Exercise details>
Please repeat the lines below exactly. Begin with the line containing "#24=DIRECTION('',(0.818,0.,0.5751));" and go on through the line containing "#45=CARTESIAN_POINT('',(-13.019,29.058,84.727));".

Supplied records>

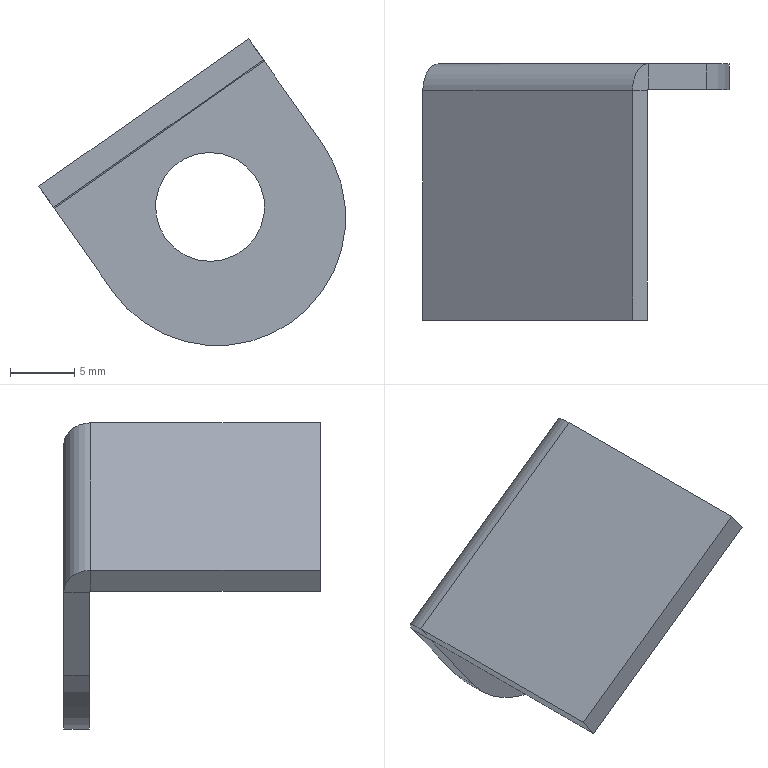Component | SolidWorks | FrontDoorLockHoleWeld-2_LockRodBracket-1 | 1 solid | 17 faces | box 23.93 x 20 x 23.93 mm | volume 1302 mm3 | plane 11 | cylinder 6 | commonest cylinder face diameters 8.5 x2 20 x2 4.2 x1 0.2 x1
STEP:
#1=CARTESIAN_POINT('',(-12.677,28.979,84.635));
#2=VERTEX_POINT('',#1);
#3=CARTESIAN_POINT('',(-12.404,28.979,84.827));
#4=VERTEX_POINT('',#3);
#5=CARTESIAN_POINT('',(-12.54,28.979,84.731));
#6=DIRECTION('',(-0.,1.,-0.));
#7=DIRECTION('',(0.818,0.,0.5751));
#8=AXIS2_PLACEMENT_3D('',#5,#6,#7);
#9=CIRCLE('',#8,0.1673);
#10=EDGE_CURVE('',#2,#4,#9,.T.);
#11=ORIENTED_EDGE('',*,*,#10,.F.);
#12=CARTESIAN_POINT('',(-12.677,29.058,84.635));
#13=VERTEX_POINT('',#12);
#14=CARTESIAN_POINT('',(-12.677,28.664,84.635));
#15=DIRECTION('',(-0.,1.,-0.));
#16=VECTOR('',#15,39.37);
#17=LINE('',#14,#16);
#18=EDGE_CURVE('',#2,#13,#17,.T.);
#19=ORIENTED_EDGE('',*,*,#18,.T.);
#20=CARTESIAN_POINT('',(-12.404,29.058,84.827));
#21=VERTEX_POINT('',#20);
#22=CARTESIAN_POINT('',(-12.54,29.058,84.731));
#23=DIRECTION('',(-0.,1.,-0.));
#24=DIRECTION('',(0.818,0.,0.5751));
#25=AXIS2_PLACEMENT_3D('',#22,#23,#24);
#26=CIRCLE('',#25,0.1673);
#27=EDGE_CURVE('',#13,#21,#26,.T.);
#28=ORIENTED_EDGE('',*,*,#27,.T.);
#29=CARTESIAN_POINT('',(-12.404,28.664,84.827));
#30=DIRECTION('',(-0.,1.,-0.));
#31=VECTOR('',#30,39.37);
#32=LINE('',#29,#31);
#33=EDGE_CURVE('',#4,#21,#32,.T.);
#34=ORIENTED_EDGE('',*,*,#33,.F.);
#35=EDGE_LOOP('',(#11,#19,#28,#34));
#36=FACE_OUTER_BOUND('',#35,.T.);
#37=CARTESIAN_POINT('',(-12.54,28.664,84.731));
#38=DIRECTION('',(-0.,1.,-0.));
#39=DIRECTION('',(0.818,0.,0.5751));
#40=AXIS2_PLACEMENT_3D('',#37,#38,#39);
#41=CYLINDRICAL_SURFACE('',#40,0.1673);
#42=ADVANCED_FACE('',(#36),#41,.F.);
#43=CARTESIAN_POINT('',(-12.84,29.058,84.472));
#44=VERTEX_POINT('',#43);
#45=CARTESIAN_POINT('',(-13.019,29.058,84.727));
#46=VERTEX_POINT('',#45);
#47=CARTESIAN_POINT('',(-12.613,29.058,84.15));
#48=DIRECTION('',(-0.5751,-0.,0.818));
#49=VECTOR('',#48,39.37);
#50=LINE('',#47,#49);
#51=EDGE_CURVE('',#44,#46,#50,.T.);
#52=ORIENTED_EDGE('',*,*,#51,.F.);
#53=CARTESIAN_POINT('',(-12.84,28.979,84.472));
#54=VERTEX_POINT('',#53);
#55=CARTESIAN_POINT('',(-12.84,28.979,84.472));
#56=DIRECTION('',(0.,-1.,0.));
#57=VECTOR('',#56,39.37);
#58=LINE('',#55,#57);
#59=EDGE_CURVE('',#44,#54,#58,.T.);
#60=ORIENTED_EDGE('',*,*,#59,.T.);
#61=CARTESIAN_POINT('',(-13.019,28.979,84.727));
#62=VERTEX_POINT('',#61);
#63=CARTESIAN_POINT('',(-12.613,28.979,84.15));
#64=DIRECTION('',(-0.5751,-0.,0.818));
#65=VECTOR('',#64,39.37);
#66=LINE('',#63,#65);
#67=EDGE_CURVE('',#54,#62,#66,.T.);
#68=ORIENTED_EDGE('',*,*,#67,.T.);
#69=CARTESIAN_POINT('',(-13.019,28.979,84.727));
#70=DIRECTION('',(-0.,1.,-0.));
#71=VECTOR('',#70,39.37);
#72=LINE('',#69,#71);
#73=EDGE_CURVE('',#62,#46,#72,.T.);
#74=ORIENTED_EDGE('',*,*,#73,.T.);
#75=EDGE_LOOP('',(#52,#60,#68,#74));
#76=FACE_OUTER_BOUND('',#75,.T.);
#77=CARTESIAN_POINT('',(-12.613,28.979,84.15));
#78=DIRECTION('',(-0.818,-0.,-0.5751));
#79=DIRECTION('',(-0.5751,-0.,0.818));
#80=AXIS2_PLACEMENT_3D('',#77,#78,#79);
#81=PLANE('',#80);
#82=ADVANCED_FACE('',(#76),#81,.T.);
#83=CARTESIAN_POINT('',(-12.54,28.979,84.731));
#84=DIRECTION('',(-0.,1.,-0.));
#85=DIRECTION('',(0.818,0.,0.5751));
#86=AXIS2_PLACEMENT_3D('',#83,#84,#85);
#87=CIRCLE('',#86,0.1673);
#88=EDGE_CURVE('',#4,#2,#87,.T.);
#89=ORIENTED_EDGE('',*,*,#88,.T.);
#90=ORIENTED_EDGE('',*,*,#10,.T.);
#91=EDGE_LOOP('',(#89,#90));
#92=FACE_BOUND('',#91,.T.);
#93=ORIENTED_EDGE('',*,*,#67,.F.);
#94=CARTESIAN_POINT('',(-12.291,28.979,84.377));
#95=VERTEX_POINT('',#94);
#96=CARTESIAN_POINT('',(-12.518,28.979,84.699));
#97=DIRECTION('',(0.,-1.,0.));
#98=DIRECTION('',(0.818,0.,0.5751));
#99=AXIS2_PLACEMENT_3D('',#96,#97,#98);
#100=CIRCLE('',#99,0.3937);
#101=EDGE_CURVE('',#54,#95,#100,.T.);
#102=ORIENTED_EDGE('',*,*,#101,.T.);
#103=CARTESIAN_POINT('',(-12.196,28.979,84.925));
#104=VERTEX_POINT('',#103);
#105=CARTESIAN_POINT('',(-12.518,28.979,84.699));
#106=DIRECTION('',(0.,-1.,0.));
#107=DIRECTION('',(0.818,0.,0.5751));
#108=AXIS2_PLACEMENT_3D('',#105,#106,#107);
#109=CIRCLE('',#108,0.3937);
#110=EDGE_CURVE('',#95,#104,#109,.T.);
#111=ORIENTED_EDGE('',*,*,#110,.T.);
#112=CARTESIAN_POINT('',(-12.375,28.979,85.18));
#113=VERTEX_POINT('',#112);
#114=CARTESIAN_POINT('',(-11.969,28.979,84.603));
#115=DIRECTION('',(0.5751,0.,-0.818));
#116=VECTOR('',#115,39.37);
#117=LINE('',#114,#116);
#118=EDGE_CURVE('',#113,#104,#117,.T.);
#119=ORIENTED_EDGE('',*,*,#118,.F.);
#120=CARTESIAN_POINT('',(-13.019,28.979,84.727));
#121=DIRECTION('',(0.818,0.,0.5751));
#122=VECTOR('',#121,39.37);
#123=LINE('',#120,#122);
#124=EDGE_CURVE('',#62,#113,#123,.T.);
#125=ORIENTED_EDGE('',*,*,#124,.F.);
#126=EDGE_LOOP('',(#93,#102,#111,#119,#125));
#127=FACE_OUTER_BOUND('',#126,.T.);
#128=CARTESIAN_POINT('',(-13.352,28.979,87.115));
#129=DIRECTION('',(-0.,1.,-0.));
#130=DIRECTION('',(0.818,0.,0.5751));
#131=AXIS2_PLACEMENT_3D('',#128,#129,#130);
#132=PLANE('',#131);
#133=ADVANCED_FACE('',(#92,#127),#132,.F.);
#134=CARTESIAN_POINT('',(-12.54,29.058,84.731));
#135=DIRECTION('',(-0.,1.,-0.));
#136=DIRECTION('',(0.818,0.,0.5751));
#137=AXIS2_PLACEMENT_3D('',#134,#135,#136);
#138=CIRCLE('',#137,0.1673);
#139=EDGE_CURVE('',#21,#13,#138,.T.);
#140=ORIENTED_EDGE('',*,*,#139,.F.);
#141=ORIENTED_EDGE('',*,*,#27,.F.);
#142=EDGE_LOOP('',(#140,#141));
#143=FACE_BOUND('',#142,.T.);
#144=CARTESIAN_POINT('',(-12.196,29.058,84.925));
#145=VERTEX_POINT('',#144);
#146=CARTESIAN_POINT('',(-12.291,29.058,84.377));
#147=VERTEX_POINT('',#146);
#148=CARTESIAN_POINT('',(-12.518,29.058,84.699));
#149=DIRECTION('',(-0.,1.,-0.));
#150=DIRECTION('',(0.818,0.,0.5751));
#151=AXIS2_PLACEMENT_3D('',#148,#149,#150);
#152=CIRCLE('',#151,0.3937);
#153=EDGE_CURVE('',#145,#147,#152,.T.);
#154=ORIENTED_EDGE('',*,*,#153,.T.);
#155=CARTESIAN_POINT('',(-12.518,29.058,84.699));
#156=DIRECTION('',(-0.,1.,-0.));
#157=DIRECTION('',(0.818,0.,0.5751));
#158=AXIS2_PLACEMENT_3D('',#155,#156,#157);
#159=CIRCLE('',#158,0.3937);
#160=EDGE_CURVE('',#147,#44,#159,.T.);
#161=ORIENTED_EDGE('',*,*,#160,.T.);
#162=ORIENTED_EDGE('',*,*,#51,.T.);
#163=CARTESIAN_POINT('',(-12.375,29.058,85.18));
#164=VERTEX_POINT('',#163);
#165=CARTESIAN_POINT('',(-13.019,29.058,84.727));
#166=DIRECTION('',(0.818,0.,0.5751));
#167=VECTOR('',#166,39.37);
#168=LINE('',#165,#167);
#169=EDGE_CURVE('',#46,#164,#168,.T.);
#170=ORIENTED_EDGE('',*,*,#169,.T.);
#171=CARTESIAN_POINT('',(-11.969,29.058,84.603));
#172=DIRECTION('',(0.5751,0.,-0.818));
#173=VECTOR('',#172,39.37);
#174=LINE('',#171,#173);
#175=EDGE_CURVE('',#164,#145,#174,.T.);
#176=ORIENTED_EDGE('',*,*,#175,.T.);
#177=EDGE_LOOP('',(#154,#161,#162,#170,#176));
#178=FACE_OUTER_BOUND('',#177,.T.);
#179=CARTESIAN_POINT('',(-13.352,29.058,87.115));
#180=DIRECTION('',(-0.,1.,-0.));
#181=DIRECTION('',(0.818,0.,0.5751));
#182=AXIS2_PLACEMENT_3D('',#179,#180,#181);
#183=PLANE('',#182);
#184=ADVANCED_FACE('',(#143,#178),#183,.T.);
#185=ORIENTED_EDGE('',*,*,#118,.T.);
#186=CARTESIAN_POINT('',(-12.196,28.979,84.925));
#187=DIRECTION('',(-0.,1.,-0.));
#188=VECTOR('',#187,39.37);
#189=LINE('',#186,#188);
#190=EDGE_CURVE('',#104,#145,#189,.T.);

Written solution>
#24=DIRECTION('',(0.818,0.,0.5751));
#25=AXIS2_PLACEMENT_3D('',#22,#23,#24);
#26=CIRCLE('',#25,0.1673);
#27=EDGE_CURVE('',#13,#21,#26,.T.);
#28=ORIENTED_EDGE('',*,*,#27,.T.);
#29=CARTESIAN_POINT('',(-12.404,28.664,84.827));
#30=DIRECTION('',(-0.,1.,-0.));
#31=VECTOR('',#30,39.37);
#32=LINE('',#29,#31);
#33=EDGE_CURVE('',#4,#21,#32,.T.);
#34=ORIENTED_EDGE('',*,*,#33,.F.);
#35=EDGE_LOOP('',(#11,#19,#28,#34));
#36=FACE_OUTER_BOUND('',#35,.T.);
#37=CARTESIAN_POINT('',(-12.54,28.664,84.731));
#38=DIRECTION('',(-0.,1.,-0.));
#39=DIRECTION('',(0.818,0.,0.5751));
#40=AXIS2_PLACEMENT_3D('',#37,#38,#39);
#41=CYLINDRICAL_SURFACE('',#40,0.1673);
#42=ADVANCED_FACE('',(#36),#41,.F.);
#43=CARTESIAN_POINT('',(-12.84,29.058,84.472));
#44=VERTEX_POINT('',#43);
#45=CARTESIAN_POINT('',(-13.019,29.058,84.727));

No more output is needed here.